Assigned task: Using the entries below, show all lines with the string "under".

Data for this exercise:

BEGIN

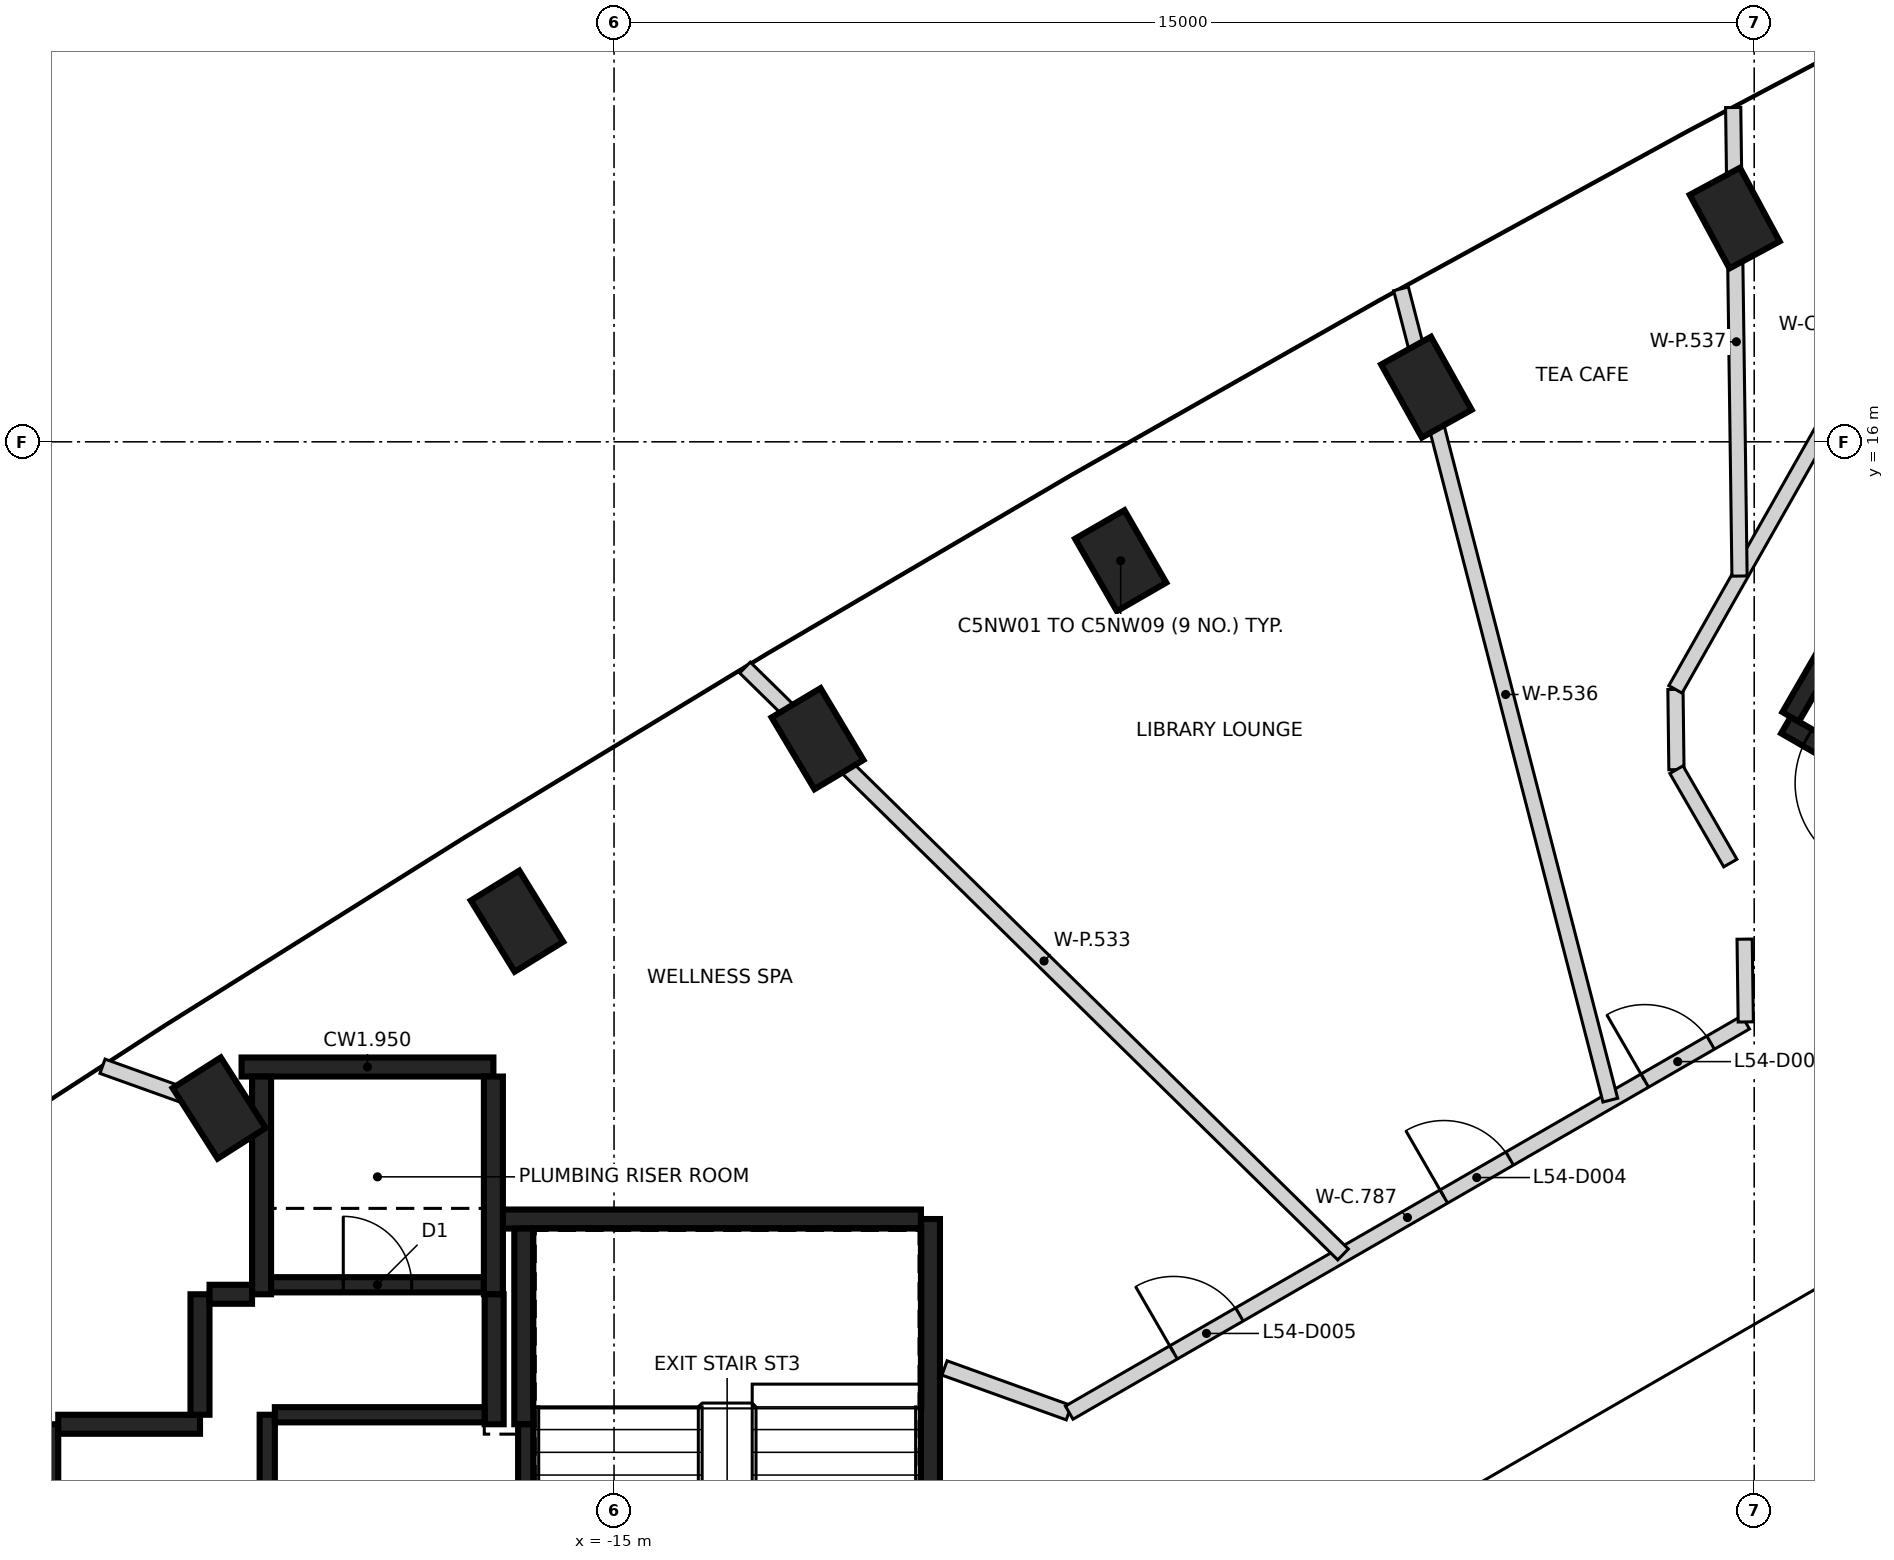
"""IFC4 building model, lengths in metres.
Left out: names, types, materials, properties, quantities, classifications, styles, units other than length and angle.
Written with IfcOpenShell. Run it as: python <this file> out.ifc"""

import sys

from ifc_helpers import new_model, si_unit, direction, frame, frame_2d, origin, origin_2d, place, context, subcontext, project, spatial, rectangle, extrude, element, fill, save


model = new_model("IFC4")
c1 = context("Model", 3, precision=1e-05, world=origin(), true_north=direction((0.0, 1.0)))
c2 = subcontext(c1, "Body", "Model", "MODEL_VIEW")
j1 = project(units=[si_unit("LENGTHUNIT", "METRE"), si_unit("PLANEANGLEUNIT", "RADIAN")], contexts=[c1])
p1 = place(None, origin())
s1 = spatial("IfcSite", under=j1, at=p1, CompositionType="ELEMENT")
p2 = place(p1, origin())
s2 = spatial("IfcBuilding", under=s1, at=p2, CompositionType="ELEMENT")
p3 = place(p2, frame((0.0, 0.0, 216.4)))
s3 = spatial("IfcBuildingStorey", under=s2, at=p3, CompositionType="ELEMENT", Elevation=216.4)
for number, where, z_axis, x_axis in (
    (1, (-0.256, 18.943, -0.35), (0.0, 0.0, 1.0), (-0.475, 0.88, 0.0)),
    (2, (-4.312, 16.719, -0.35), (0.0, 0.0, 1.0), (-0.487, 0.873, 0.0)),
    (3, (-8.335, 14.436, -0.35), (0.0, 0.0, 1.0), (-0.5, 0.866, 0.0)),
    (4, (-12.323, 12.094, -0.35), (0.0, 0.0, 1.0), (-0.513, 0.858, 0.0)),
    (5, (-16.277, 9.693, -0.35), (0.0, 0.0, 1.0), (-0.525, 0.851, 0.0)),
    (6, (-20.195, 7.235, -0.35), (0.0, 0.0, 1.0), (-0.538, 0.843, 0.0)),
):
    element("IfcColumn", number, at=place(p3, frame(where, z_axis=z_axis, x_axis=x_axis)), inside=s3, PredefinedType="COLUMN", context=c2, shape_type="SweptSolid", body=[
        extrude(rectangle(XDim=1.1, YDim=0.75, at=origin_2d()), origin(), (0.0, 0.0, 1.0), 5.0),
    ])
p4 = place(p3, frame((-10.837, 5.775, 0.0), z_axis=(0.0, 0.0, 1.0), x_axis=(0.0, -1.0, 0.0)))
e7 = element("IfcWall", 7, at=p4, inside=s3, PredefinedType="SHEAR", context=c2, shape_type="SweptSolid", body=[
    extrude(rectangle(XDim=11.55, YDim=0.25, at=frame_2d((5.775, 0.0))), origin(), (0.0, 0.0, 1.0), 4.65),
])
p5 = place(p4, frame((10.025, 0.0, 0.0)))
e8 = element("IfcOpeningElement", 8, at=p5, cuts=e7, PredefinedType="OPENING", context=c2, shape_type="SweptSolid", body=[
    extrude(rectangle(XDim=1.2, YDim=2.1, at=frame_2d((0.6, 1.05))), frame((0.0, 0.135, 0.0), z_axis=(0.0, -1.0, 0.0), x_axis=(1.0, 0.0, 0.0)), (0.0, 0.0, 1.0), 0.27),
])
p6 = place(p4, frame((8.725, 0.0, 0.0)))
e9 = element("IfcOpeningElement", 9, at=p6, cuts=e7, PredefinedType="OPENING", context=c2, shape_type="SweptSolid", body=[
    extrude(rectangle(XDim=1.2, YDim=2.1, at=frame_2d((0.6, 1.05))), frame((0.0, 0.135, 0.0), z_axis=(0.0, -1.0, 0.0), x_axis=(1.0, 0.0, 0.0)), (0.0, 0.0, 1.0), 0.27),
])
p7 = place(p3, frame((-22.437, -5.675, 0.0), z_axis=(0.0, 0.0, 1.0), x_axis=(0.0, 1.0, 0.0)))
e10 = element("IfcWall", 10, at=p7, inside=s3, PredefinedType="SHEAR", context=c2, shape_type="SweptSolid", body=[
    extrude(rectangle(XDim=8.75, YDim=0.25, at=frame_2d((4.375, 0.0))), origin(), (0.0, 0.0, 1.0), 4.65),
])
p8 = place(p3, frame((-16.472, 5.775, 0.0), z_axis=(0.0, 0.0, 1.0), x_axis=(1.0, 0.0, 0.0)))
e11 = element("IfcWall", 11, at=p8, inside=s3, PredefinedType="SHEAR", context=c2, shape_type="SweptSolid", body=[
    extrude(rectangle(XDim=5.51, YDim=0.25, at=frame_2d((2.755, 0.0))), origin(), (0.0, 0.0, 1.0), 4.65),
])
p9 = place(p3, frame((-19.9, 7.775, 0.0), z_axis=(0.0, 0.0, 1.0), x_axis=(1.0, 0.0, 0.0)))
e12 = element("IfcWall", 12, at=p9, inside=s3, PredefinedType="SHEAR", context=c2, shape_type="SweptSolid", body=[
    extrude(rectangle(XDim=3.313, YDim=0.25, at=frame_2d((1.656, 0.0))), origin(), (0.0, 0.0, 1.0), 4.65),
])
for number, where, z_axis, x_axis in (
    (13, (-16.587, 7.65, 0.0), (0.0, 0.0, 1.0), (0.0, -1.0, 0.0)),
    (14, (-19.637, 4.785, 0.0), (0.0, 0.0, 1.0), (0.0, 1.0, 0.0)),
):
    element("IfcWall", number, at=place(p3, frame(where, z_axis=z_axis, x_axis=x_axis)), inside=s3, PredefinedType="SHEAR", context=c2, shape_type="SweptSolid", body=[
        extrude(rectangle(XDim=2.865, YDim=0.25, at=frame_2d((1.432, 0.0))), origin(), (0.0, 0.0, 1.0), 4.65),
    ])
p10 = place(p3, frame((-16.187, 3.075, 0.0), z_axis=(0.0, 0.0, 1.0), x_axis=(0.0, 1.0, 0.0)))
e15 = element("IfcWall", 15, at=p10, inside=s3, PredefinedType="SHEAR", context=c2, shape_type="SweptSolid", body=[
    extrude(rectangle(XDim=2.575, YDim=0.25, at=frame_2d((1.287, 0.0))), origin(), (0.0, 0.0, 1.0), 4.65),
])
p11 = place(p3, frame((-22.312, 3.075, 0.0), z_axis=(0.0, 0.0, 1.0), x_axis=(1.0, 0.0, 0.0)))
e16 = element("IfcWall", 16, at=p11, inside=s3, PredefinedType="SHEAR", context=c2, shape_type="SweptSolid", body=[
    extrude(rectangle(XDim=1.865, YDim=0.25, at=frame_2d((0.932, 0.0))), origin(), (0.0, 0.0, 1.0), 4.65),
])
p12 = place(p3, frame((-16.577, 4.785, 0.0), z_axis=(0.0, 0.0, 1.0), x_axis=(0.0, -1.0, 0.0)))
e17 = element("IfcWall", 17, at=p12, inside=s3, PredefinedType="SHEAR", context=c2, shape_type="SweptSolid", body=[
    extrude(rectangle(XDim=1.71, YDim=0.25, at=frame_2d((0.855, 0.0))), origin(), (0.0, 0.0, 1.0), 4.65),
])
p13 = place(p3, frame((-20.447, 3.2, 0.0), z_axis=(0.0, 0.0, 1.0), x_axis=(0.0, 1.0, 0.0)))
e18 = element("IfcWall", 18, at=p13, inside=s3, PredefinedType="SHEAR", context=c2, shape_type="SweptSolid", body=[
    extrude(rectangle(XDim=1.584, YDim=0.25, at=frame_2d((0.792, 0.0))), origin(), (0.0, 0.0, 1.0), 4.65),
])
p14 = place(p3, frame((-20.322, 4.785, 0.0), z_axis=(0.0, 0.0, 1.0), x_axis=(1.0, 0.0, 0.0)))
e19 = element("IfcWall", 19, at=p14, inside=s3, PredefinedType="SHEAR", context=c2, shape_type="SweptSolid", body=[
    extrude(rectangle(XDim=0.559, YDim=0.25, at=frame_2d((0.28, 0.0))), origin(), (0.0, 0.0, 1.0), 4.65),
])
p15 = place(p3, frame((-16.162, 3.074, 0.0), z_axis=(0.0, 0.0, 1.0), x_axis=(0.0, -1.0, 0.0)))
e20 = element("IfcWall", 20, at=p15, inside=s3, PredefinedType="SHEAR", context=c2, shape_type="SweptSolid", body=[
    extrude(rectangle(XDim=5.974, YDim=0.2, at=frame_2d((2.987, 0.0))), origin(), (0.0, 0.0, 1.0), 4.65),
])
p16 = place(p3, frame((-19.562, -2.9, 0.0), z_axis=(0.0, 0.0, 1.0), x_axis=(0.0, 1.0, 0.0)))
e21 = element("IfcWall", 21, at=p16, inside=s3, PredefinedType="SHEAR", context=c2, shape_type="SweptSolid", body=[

END

Response:
s1 = spatial("IfcSite", under=j1, at=p1, CompositionType="ELEMENT")
s2 = spatial("IfcBuilding", under=s1, at=p2, CompositionType="ELEMENT")
s3 = spatial("IfcBuildingStorey", under=s2, at=p3, CompositionType="ELEMENT", Elevation=216.4)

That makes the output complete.